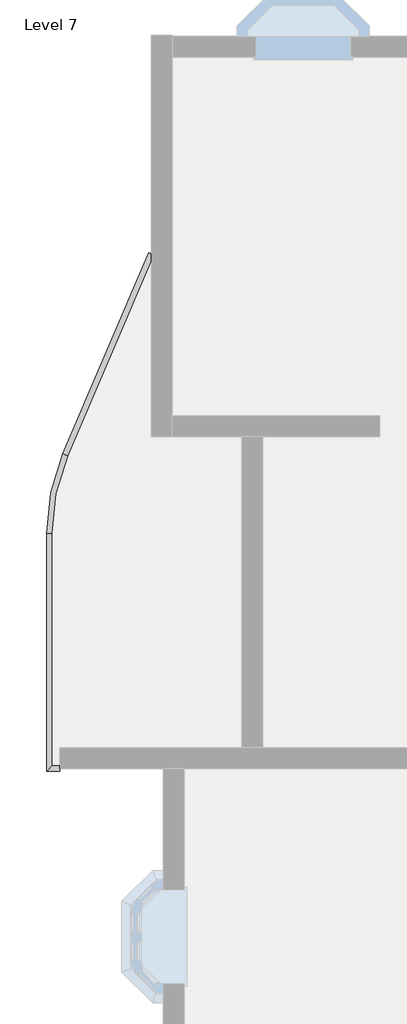
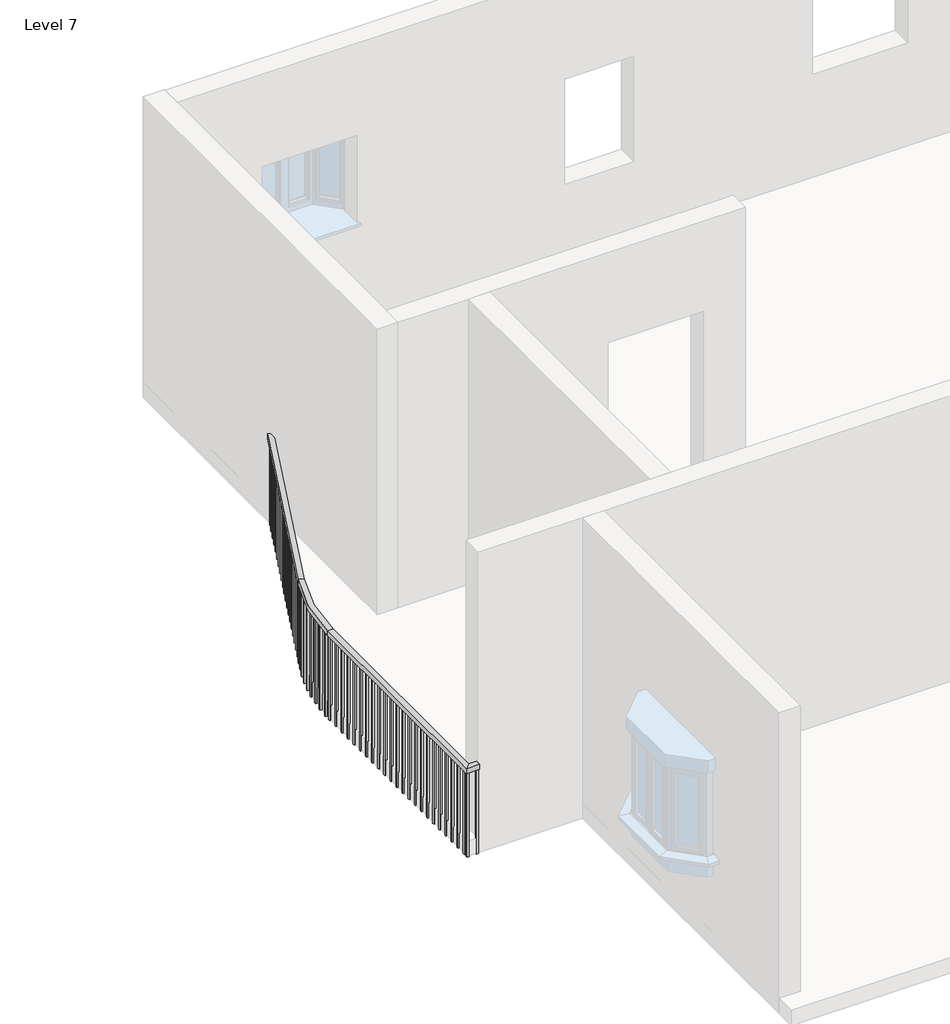
# One storey, part 7 of 14: 1 railing.
"""IFC4 building model written with IfcOpenShell, lengths in millimetres."""

from ifc_helpers import new_model, si_unit, frame, origin, place, context, project, spatial, polyline, circle_curve, outline, extrude, element, save
from ifc_brep_helpers import plane_surface, cylinder_surface, revolved_surface, advanced_brep

model = new_model("IFC4")

# Units and contexts
model_context = context("Model", 3, world=origin())
ifc_project = project(units=[si_unit("LENGTHUNIT", "METRE", prefix="MILLI")], contexts=[model_context])

# Site, building, storey
site = spatial("IfcSite", under=ifc_project)
building = spatial("IfcBuilding", under=site)
storey = spatial("IfcBuildingStorey", under=building, Name="Level 7", Elevation=18288.0)

# Railing
placement = place(None, origin())
element("IfcRailing", 1, ObjectType="Handrail - Rectangular", at=placement, inside=storey, context=model_context, shape_type="SolidModel", body=[
    advanced_brep(
    [(-12381.4379579, -2441.2590879, 19202.4), (-12381.4379579, -2441.2590879, 19151.6), (-12428.1364721, -2421.2618688, 19151.6), (-12428.1364721, -2421.2618688, 19202.4), (-13216.1814979, -4390.5942894, 19202.4), (-13216.1814979, -4390.5942894, 19151.6), (-13262.8800121, -4370.5970703, 19151.6), (-13262.8800121, -4370.5970703, 19202.4), (-13369.987215, -5140.4900045, 19151.6), (-13369.987215, -5140.4900045, 19202.4), (-13420.787215, -5140.4900045, 19151.6), (-13420.787215, -5140.4900045, 19202.4), (-13369.987215, -7396.5416506, 19202.4), (-13369.987215, -7396.5416506, 19151.6), (-13420.787215, -7447.3416506, 19151.6), (-13420.787215, -7447.3416506, 19202.4), (-13293.787215, -7396.5416506, 19202.4), (-13293.787215, -7447.3416506, 19202.4), (-13293.787215, -7447.3416506, 19151.6), (-13293.787215, -7396.5416506, 19151.6)],
    [
        (0, 1),
        (1, 2),
        (2, 3),
        (3, 0),
        (0, 4),
        (4, 5),
        (5, 1),
        (5, 6),
        (6, 2),
        (6, 7),
        (7, 3),
        (7, 4),
        (8, 5, circle_curve(frame((-11464.987215, -5140.4900045, 19151.6), z_axis=(0.0, 0.0, -1.0), x_axis=(-0.9192620907623801, 0.39364604467361003, 0.0)), 1905.0)),
        (4, 9, circle_curve(frame((-11464.987215, -5140.4900045, 19202.4), z_axis=(0.0, 0.0, 1.0), x_axis=(-0.9192620907623801, 0.39364604467361003, 0.0)), 1905.0)),
        (9, 8),
        (10, 6, circle_curve(frame((-11464.987215, -5140.4900045, 19151.6), z_axis=(0.0, 0.0, -1.0), x_axis=(-0.9192620907623801, 0.39364604467361003, 0.0)), 1955.8)),
        (8, 10),
        (11, 7, circle_curve(frame((-11464.987215, -5140.4900045, 19202.4), z_axis=(0.0, 0.0, -1.0), x_axis=(-0.9192620907623801, 0.39364604467361003, 0.0)), 1955.8)),
        (10, 11),
        (11, 9),
        (9, 12),
        (12, 13),
        (13, 8),
        (13, 14),
        (14, 10),
        (14, 15),
        (15, 11),
        (15, 12),
        (16, 17),
        (17, 18),
        (18, 19),
        (19, 16),
        (12, 16),
        (19, 13),
        (18, 14),
        (17, 15),
    ],
    [
        plane_surface(frame((-12404.787215, -2431.2604783, 19202.4), z_axis=(0.39364604467361003, 0.9192620907623801, 0.0), x_axis=(0.9192620907623801, -0.39364604467361003, 0.0))),
        plane_surface(frame((-12381.4379579, -2441.2590879, 19202.4), z_axis=(0.91926209076238, -0.39364604467361014, 0.0), x_axis=(-0.39364604467361014, -0.91926209076238, 0.0))),
        plane_surface(frame((-12381.4379579, -2441.2590879, 19151.6), z_axis=(0.0, 0.0, -1.0), x_axis=(-0.39364604467361014, -0.91926209076238, 0.0))),
        plane_surface(frame((-12428.1364721, -2421.2618688, 19151.6), z_axis=(-0.91926209076238, 0.39364604467361014, 0.0), x_axis=(-0.39364604467361014, -0.91926209076238, 0.0))),
        plane_surface(frame((-12428.1364721, -2421.2618688, 19202.4), z_axis=(0.0, 0.0, 1.0), x_axis=(-0.39364604467361014, -0.91926209076238, 0.0))),
        revolved_surface(polyline([(-13216.181497902333, -4390.594289396773, 19202.4), (-13216.181497902333, -4390.594289396773, 19151.6)]), (-11464.987215, -5140.4900045, 19202.4), (0.0, 0.0, 1.0)),
        plane_surface(frame((-11464.987215, -5140.4900045, 19151.6), z_axis=(0.0, 0.0, -1.0000000000000002), x_axis=(-0.9192620907623801, 0.39364604467361003, 0.0))),
        cylinder_surface(frame((-11464.987215, -5140.4900045, 19202.4), z_axis=(0.0, 0.0, 1.0), x_axis=(-0.9192620907623801, 0.39364604467361003, 0.0)), 1955.8),
        plane_surface(frame((-11464.987215, -5140.4900045, 19202.4), z_axis=(0.0, 0.0, 1.0000000000000002), x_axis=(-0.9192620907623801, 0.39364604467361003, 0.0))),
        plane_surface(frame((-13369.987215, -5140.4900045, 19202.4), z_axis=(1.0, 0.0, 0.0), x_axis=(0.0, -1.0, 0.0))),
        plane_surface(frame((-13369.987215, -5140.4900045, 19151.6), z_axis=(0.0, 0.0, -1.0), x_axis=(0.0, -1.0, 0.0))),
        plane_surface(frame((-13420.787215, -5140.4900045, 19151.6), z_axis=(-1.0, 0.0, 0.0), x_axis=(0.0, -1.0, 0.0))),
        plane_surface(frame((-13420.787215, -5140.4900045, 19202.4), z_axis=(0.0, 0.0, 1.0), x_axis=(0.0, -1.0, 0.0))),
        plane_surface(frame((-13293.787215, -7421.9416506, 19202.4), z_axis=(1.0, 0.0, 0.0), x_axis=(0.0, 1.0, 0.0))),
        plane_surface(frame((-13369.987215, -7396.5416506, 19202.4), z_axis=(0.0, 1.0, 0.0), x_axis=(1.0, 0.0, 0.0))),
        plane_surface(frame((-13369.987215, -7396.5416506, 19151.6), z_axis=(0.0, 0.0, -1.0), x_axis=(1.0, 0.0, 0.0))),
        plane_surface(frame((-13420.787215, -7447.3416506, 19151.6), z_axis=(0.0, -1.0, 0.0), x_axis=(1.0, 0.0, 0.0))),
        plane_surface(frame((-13420.787215, -7447.3416506, 19202.4), z_axis=(0.0, 0.0, 1.0), x_axis=(1.0, 0.0, 0.0))),
    ],
    [
        (0, [[1, 2, 3, 4]]),
        (1, [[-1, 5, 6, 7]]),
        (2, [[-2, -7, 8, 9]]),
        (3, [[-3, -9, 10, 11]]),
        (4, [[-4, -11, 12, -5]]),
        (5, [[13, -6, 14, 15]]),
        (6, [[16, -8, -13, 17]]),
        (7, [[18, -10, -16, 19]]),
        (8, [[-14, -12, -18, 20]]),
        (9, [[-15, 21, 22, 23]]),
        (10, [[-17, -23, 24, 25]]),
        (11, [[-19, -25, 26, 27]]),
        (12, [[-20, -27, 28, -21]]),
        (13, [[29, 30, 31, 32]]),
        (14, [[-22, 33, -32, 34]]),
        (15, [[-24, -34, -31, 35]]),
        (16, [[-26, -35, -30, 36]]),
        (17, [[-28, -36, -29, -33]]),
    ],
),
    extrude(outline(polyline([(-13404.912215, -7366.1650045), (-13385.862215, -7366.1650045), (-13385.862215, -7385.2150045), (-13404.912215, -7385.2150045), (-13404.912215, -7366.1650045)])), frame((0.0, 0.0, 18288.0), z_axis=(0.0, 0.0, 1.0), x_axis=(1.0, 0.0, 0.0)), (0.0, 0.0, 1.0), 863.6),
    extrude(outline(polyline([(-13404.912215, -7264.5650045), (-13385.862215, -7264.5650045), (-13385.862215, -7283.6150045), (-13404.912215, -7283.6150045), (-13404.912215, -7264.5650045)])), frame((0.0, 0.0, 18288.0), z_axis=(0.0, 0.0, 1.0), x_axis=(1.0, 0.0, 0.0)), (0.0, 0.0, 1.0), 863.6),
    extrude(outline(polyline([(-13404.912215, -7162.9650045), (-13385.862215, -7162.9650045), (-13385.862215, -7182.0150045), (-13404.912215, -7182.0150045), (-13404.912215, -7162.9650045)])), frame((0.0, 0.0, 18288.0), z_axis=(0.0, 0.0, 1.0), x_axis=(1.0, 0.0, 0.0)), (0.0, 0.0, 1.0), 863.6),
    extrude(outline(polyline([(-13404.912215, -7061.3650045), (-13385.862215, -7061.3650045), (-13385.862215, -7080.4150045), (-13404.912215, -7080.4150045), (-13404.912215, -7061.3650045)])), frame((0.0, 0.0, 18288.0), z_axis=(0.0, 0.0, 1.0), x_axis=(1.0, 0.0, 0.0)), (0.0, 0.0, 1.0), 863.6),
    extrude(outline(polyline([(-13404.912215, -6959.7650045), (-13385.862215, -6959.7650045), (-13385.862215, -6978.8150045), (-13404.912215, -6978.8150045), (-13404.912215, -6959.7650045)])), frame((0.0, 0.0, 18288.0), z_axis=(0.0, 0.0, 1.0), x_axis=(1.0, 0.0, 0.0)), (0.0, 0.0, 1.0), 863.6),
    extrude(outline(polyline([(-13404.912215, -6858.1650045), (-13385.862215, -6858.1650045), (-13385.862215, -6877.2150045), (-13404.912215, -6877.2150045), (-13404.912215, -6858.1650045)])), frame((0.0, 0.0, 18288.0), z_axis=(0.0, 0.0, 1.0), x_axis=(1.0, 0.0, 0.0)), (0.0, 0.0, 1.0), 863.6),
    extrude(outline(polyline([(-13404.912215, -6756.5650045), (-13385.862215, -6756.5650045), (-13385.862215, -6775.6150045), (-13404.912215, -6775.6150045), (-13404.912215, -6756.5650045)])), frame((0.0, 0.0, 18288.0), z_axis=(0.0, 0.0, 1.0), x_axis=(1.0, 0.0, 0.0)), (0.0, 0.0, 1.0), 863.6),
    extrude(outline(polyline([(-13404.912215, -6654.9650045), (-13385.862215, -6654.9650045), (-13385.862215, -6674.0150045), (-13404.912215, -6674.0150045), (-13404.912215, -6654.9650045)])), frame((0.0, 0.0, 18288.0), z_axis=(0.0, 0.0, 1.0), x_axis=(1.0, 0.0, 0.0)), (0.0, 0.0, 1.0), 863.6),
    extrude(outline(polyline([(-13404.912215, -6553.3650045), (-13385.862215, -6553.3650045), (-13385.862215, -6572.4150045), (-13404.912215, -6572.4150045), (-13404.912215, -6553.3650045)])), frame((0.0, 0.0, 18288.0), z_axis=(0.0, 0.0, 1.0), x_axis=(1.0, 0.0, 0.0)), (0.0, 0.0, 1.0), 863.6),
    extrude(outline(polyline([(-13404.912215, -6451.7650045), (-13385.862215, -6451.7650045), (-13385.862215, -6470.8150045), (-13404.912215, -6470.8150045), (-13404.912215, -6451.7650045)])), frame((0.0, 0.0, 18288.0), z_axis=(0.0, 0.0, 1.0), x_axis=(1.0, 0.0, 0.0)), (0.0, 0.0, 1.0), 863.6),
    extrude(outline(polyline([(-13404.912215, -6350.1650045), (-13385.862215, -6350.1650045), (-13385.862215, -6369.2150045), (-13404.912215, -6369.2150045), (-13404.912215, -6350.1650045)])), frame((0.0, 0.0, 18288.0), z_axis=(0.0, 0.0, 1.0), x_axis=(1.0, 0.0, 0.0)), (0.0, 0.0, 1.0), 863.6),
    extrude(outline(polyline([(-13404.912215, -6248.5650045), (-13385.862215, -6248.5650045), (-13385.862215, -6267.6150045), (-13404.912215, -6267.6150045), (-13404.912215, -6248.5650045)])), frame((0.0, 0.0, 18288.0), z_axis=(0.0, 0.0, 1.0), x_axis=(1.0, 0.0, 0.0)), (0.0, 0.0, 1.0), 863.6),
    extrude(outline(polyline([(-13404.912215, -6146.9650045), (-13385.862215, -6146.9650045), (-13385.862215, -6166.0150045), (-13404.912215, -6166.0150045), (-13404.912215, -6146.9650045)])), frame((0.0, 0.0, 18288.0), z_axis=(0.0, 0.0, 1.0), x_axis=(1.0, 0.0, 0.0)), (0.0, 0.0, 1.0), 863.6),
    extrude(outline(polyline([(-13404.912215, -6045.3650045), (-13385.862215, -6045.3650045), (-13385.862215, -6064.4150045), (-13404.912215, -6064.4150045), (-13404.912215, -6045.3650045)])), frame((0.0, 0.0, 18288.0), z_axis=(0.0, 0.0, 1.0), x_axis=(1.0, 0.0, 0.0)), (0.0, 0.0, 1.0), 863.6),
    extrude(outline(polyline([(-13404.912215, -5943.7650045), (-13385.862215, -5943.7650045), (-13385.862215, -5962.8150045), (-13404.912215, -5962.8150045), (-13404.912215, -5943.7650045)])), frame((0.0, 0.0, 18288.0), z_axis=(0.0, 0.0, 1.0), x_axis=(1.0, 0.0, 0.0)), (0.0, 0.0, 1.0), 863.6),
    extrude(outline(polyline([(-13404.912215, -5842.1650045), (-13385.862215, -5842.1650045), (-13385.862215, -5861.2150045), (-13404.912215, -5861.2150045), (-13404.912215, -5842.1650045)])), frame((0.0, 0.0, 18288.0), z_axis=(0.0, 0.0, 1.0), x_axis=(1.0, 0.0, 0.0)), (0.0, 0.0, 1.0), 863.6),
    extrude(outline(polyline([(-13404.912215, -5740.5650045), (-13385.862215, -5740.5650045), (-13385.862215, -5759.6150045), (-13404.912215, -5759.6150045), (-13404.912215, -5740.5650045)])), frame((0.0, 0.0, 18288.0), z_axis=(0.0, 0.0, 1.0), x_axis=(1.0, 0.0, 0.0)), (0.0, 0.0, 1.0), 863.6),
    extrude(outline(polyline([(-13404.912215, -5638.9650045), (-13385.862215, -5638.9650045), (-13385.862215, -5658.0150045), (-13404.912215, -5658.0150045), (-13404.912215, -5638.9650045)])), frame((0.0, 0.0, 18288.0), z_axis=(0.0, 0.0, 1.0), x_axis=(1.0, 0.0, 0.0)), (0.0, 0.0, 1.0), 863.6),
    extrude(outline(polyline([(-13404.912215, -5537.3650045), (-13385.862215, -5537.3650045), (-13385.862215, -5556.4150045), (-13404.912215, -5556.4150045), (-13404.912215, -5537.3650045)])), frame((0.0, 0.0, 18288.0), z_axis=(0.0, 0.0, 1.0), x_axis=(1.0, 0.0, 0.0)), (0.0, 0.0, 1.0), 863.6),
    extrude(outline(polyline([(-13404.912215, -5435.7650045), (-13385.862215, -5435.7650045), (-13385.862215, -5454.8150045), (-13404.912215, -5454.8150045), (-13404.912215, -5435.7650045)])), frame((0.0, 0.0, 18288.0), z_axis=(0.0, 0.0, 1.0), x_axis=(1.0, 0.0, 0.0)), (0.0, 0.0, 1.0), 863.6),
    extrude(outline(polyline([(-13404.912215, -5334.1650045), (-13385.862215, -5334.1650045), (-13385.862215, -5353.2150045), (-13404.912215, -5353.2150045), (-13404.912215, -5334.1650045)])), frame((0.0, 0.0, 18288.0), z_axis=(0.0, 0.0, 1.0), x_axis=(1.0, 0.0, 0.0)), (0.0, 0.0, 1.0), 863.6),
    extrude(outline(polyline([(-13404.912215, -5232.5650045), (-13385.862215, -5232.5650045), (-13385.862215, -5251.6150045), (-13404.912215, -5251.6150045), (-13404.912215, -5232.5650045)])), frame((0.0, 0.0, 18288.0), z_axis=(0.0, 0.0, 1.0), x_axis=(1.0, 0.0, 0.0)), (0.0, 0.0, 1.0), 863.6),
    extrude(outline(polyline([(-13403.2986616, -5060.8127369), (-13384.2611239, -5061.5016911), (-13384.9500781, -5080.5392288), (-13403.9876158, -5079.8502746), (-13403.2986616, -5060.8127369)])), frame((0.0, 0.0, 18288.0), z_axis=(0.0, 0.0, 1.0), x_axis=(1.0, 0.0, 0.0)), (0.0, 0.0, 1.0), 863.6),
    extrude(outline(polyline([(-13396.4230348, -4958.9537683), (-13377.4481028, -4960.6432816), (-13379.1376161, -4979.6182136), (-13398.1125481, -4977.9287003), (-13396.4230348, -4958.9537683)])), frame((0.0, 0.0, 18288.0), z_axis=(0.0, 0.0, 1.0), x_axis=(1.0, 0.0, 0.0)), (0.0, 0.0, 1.0), 863.6),
    extrude(outline(polyline([(-13384.1984052, -4857.5975541), (-13365.3386289, -4860.2829475), (-13368.0240223, -4879.1427238), (-13386.8837986, -4876.4573304), (-13384.1984052, -4857.5975541)])), frame((0.0, 0.0, 18288.0), z_axis=(0.0, 0.0, 1.0), x_axis=(1.0, 0.0, 0.0)), (0.0, 0.0, 1.0), 863.6),
    extrude(outline(polyline([(-13366.6586282, -4757.0247946), (-13347.9662387, -4760.698631), (-13351.6400752, -4779.3910205), (-13370.3324647, -4775.7171841), (-13366.6586282, -4757.0247946)])), frame((0.0, 0.0, 18288.0), z_axis=(0.0, 0.0, 1.0), x_axis=(1.0, 0.0, 0.0)), (0.0, 0.0, 1.0), 863.6),
    extrude(outline(polyline([(-13343.8522793, -4657.5140204), (-13325.3790441, -4662.1661254), (-13330.0311492, -4680.6393606), (-13348.5043844, -4675.9872556), (-13343.8522793, -4657.5140204)])), frame((0.0, 0.0, 18288.0), z_axis=(0.0, 0.0, 1.0), x_axis=(1.0, 0.0, 0.0)), (0.0, 0.0, 1.0), 863.6),
    extrude(outline(polyline([(-13315.8425193, -4559.340821), (-13297.6395991, -4564.9583109), (-13303.257089, -4583.1612312), (-13321.4600093, -4577.5437413), (-13315.8425193, -4559.340821)])), frame((0.0, 0.0, 18288.0), z_axis=(0.0, 0.0, 1.0), x_axis=(1.0, 0.0, 0.0)), (0.0, 0.0, 1.0), 863.6),
    extrude(outline(polyline([(-13282.7069198, -4462.7770815), (-13264.8247264, -4469.344399), (-13271.3920438, -4487.2265924), (-13289.2742372, -4480.659275), (-13282.7069198, -4462.7770815)])), frame((0.0, 0.0, 18288.0), z_axis=(0.0, 0.0, 1.0), x_axis=(1.0, 0.0, 0.0)), (0.0, 0.0, 1.0), 863.6),
    extrude(outline(polyline([(-13209.6824706, -4286.6955968), (-13192.1705278, -4294.1945539), (-13199.6694849, -4311.7064967), (-13217.1814277, -4304.2075396), (-13209.6824706, -4286.6955968)])), frame((0.0, 0.0, 18288.0), z_axis=(0.0, 0.0, 1.0), x_axis=(1.0, 0.0, 0.0)), (0.0, 0.0, 1.0), 863.6),
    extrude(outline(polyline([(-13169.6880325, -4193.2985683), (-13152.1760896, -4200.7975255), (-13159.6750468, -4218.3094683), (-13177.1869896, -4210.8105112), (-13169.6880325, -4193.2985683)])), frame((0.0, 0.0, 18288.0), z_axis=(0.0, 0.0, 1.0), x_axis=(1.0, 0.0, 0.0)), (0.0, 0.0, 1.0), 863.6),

ASSIGNED TASK: Read the data above. Pull out each line in which the string "import" appears.

ANSWER AREA:
from ifc_helpers import new_model, si_unit, frame, origin, place, context, project, spatial, polyline, circle_curve, outline, extrude, element, save
from ifc_brep_helpers import plane_surface, cylinder_surface, revolved_surface, advanced_brep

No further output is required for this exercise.